START Dataset records
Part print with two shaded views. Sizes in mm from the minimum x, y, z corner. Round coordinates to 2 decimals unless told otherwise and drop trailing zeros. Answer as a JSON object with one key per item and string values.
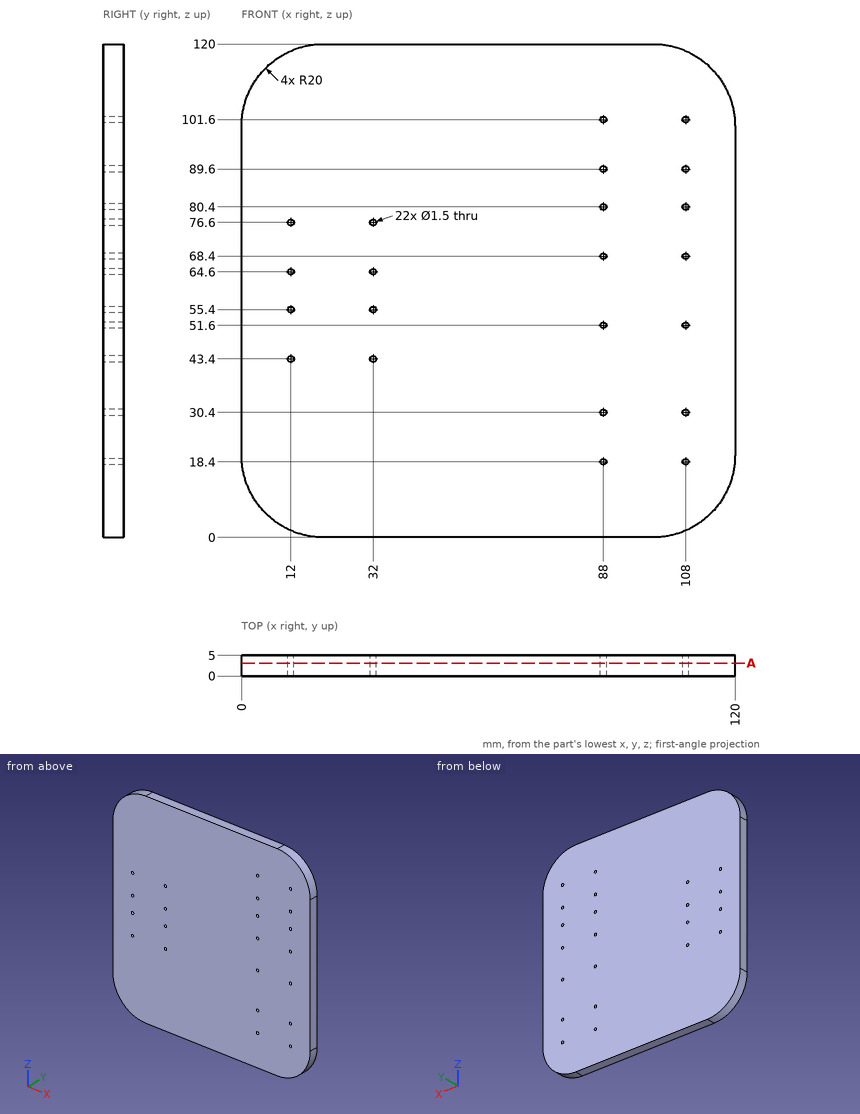
Item 1: Wall check: line 1 along X through (y, z) = (1.65, 43.4); line 2 along X through (y, z) = (3.4, 89.6); line 3 along Z through (x, y) = (31.5, 1.7). Give the ranges that are in metal, low to high. Write a range as [from, to].
Worked answers:
{"line 1": "x = [0, 11.25], [12.75, 31.25], [32.75, 120]", "line 2": "x = [0, 87.25], [88.75, 107.25], [108.75, 120]", "line 3": "z = [0, 42.84], [43.96, 54.84], [55.96, 64.04], [65.16, 76.04], [77.16, 120]"}
Item 2: Drop a flat-ended pin along its axis: pin 1 Ø1.2 at (x, z) = (88, 89.6) entering from -Y. Give the stop position or say it passes through.
Worked answers:
{"pin 1": "passes through"}
Item 3: Saw through at A-A on y = 3.15. State how many separate pieces and enclosed holes the cut face has, and give its area (3 significant figures).
Worked answers:
{"separate pieces": "1", "enclosed holes": "22", "area": "14,000 mm2"}
END Dataset records
Every entry above should be restated word for word, with the images left out.

Part print with two shaded views. Sizes in mm from the minimum x, y, z corner. Round coordinates to 2 decimals unless told otherwise and drop trailing zeros. Answer as a JSON object with one key per item and string values.
Item 1: Wall check: line 1 along X through (y, z) = (1.65, 43.4); line 2 along X through (y, z) = (3.4, 89.6); line 3 along Z through (x, y) = (31.5, 1.7). Give the ranges that are in metal, low to high. Write a range as [from, to].
Worked answers:
{"line 1": "x = [0, 11.25], [12.75, 31.25], [32.75, 120]", "line 2": "x = [0, 87.25], [88.75, 107.25], [108.75, 120]", "line 3": "z = [0, 42.84], [43.96, 54.84], [55.96, 64.04], [65.16, 76.04], [77.16, 120]"}
Item 2: Drop a flat-ended pin along its axis: pin 1 Ø1.2 at (x, z) = (88, 89.6) entering from -Y. Give the stop position or say it passes through.
Worked answers:
{"pin 1": "passes through"}
Item 3: Saw through at A-A on y = 3.15. State how many separate pieces and enclosed holes the cut face has, and give its area (3 significant figures).
Worked answers:
{"separate pieces": "1", "enclosed holes": "22", "area": "14,000 mm2"}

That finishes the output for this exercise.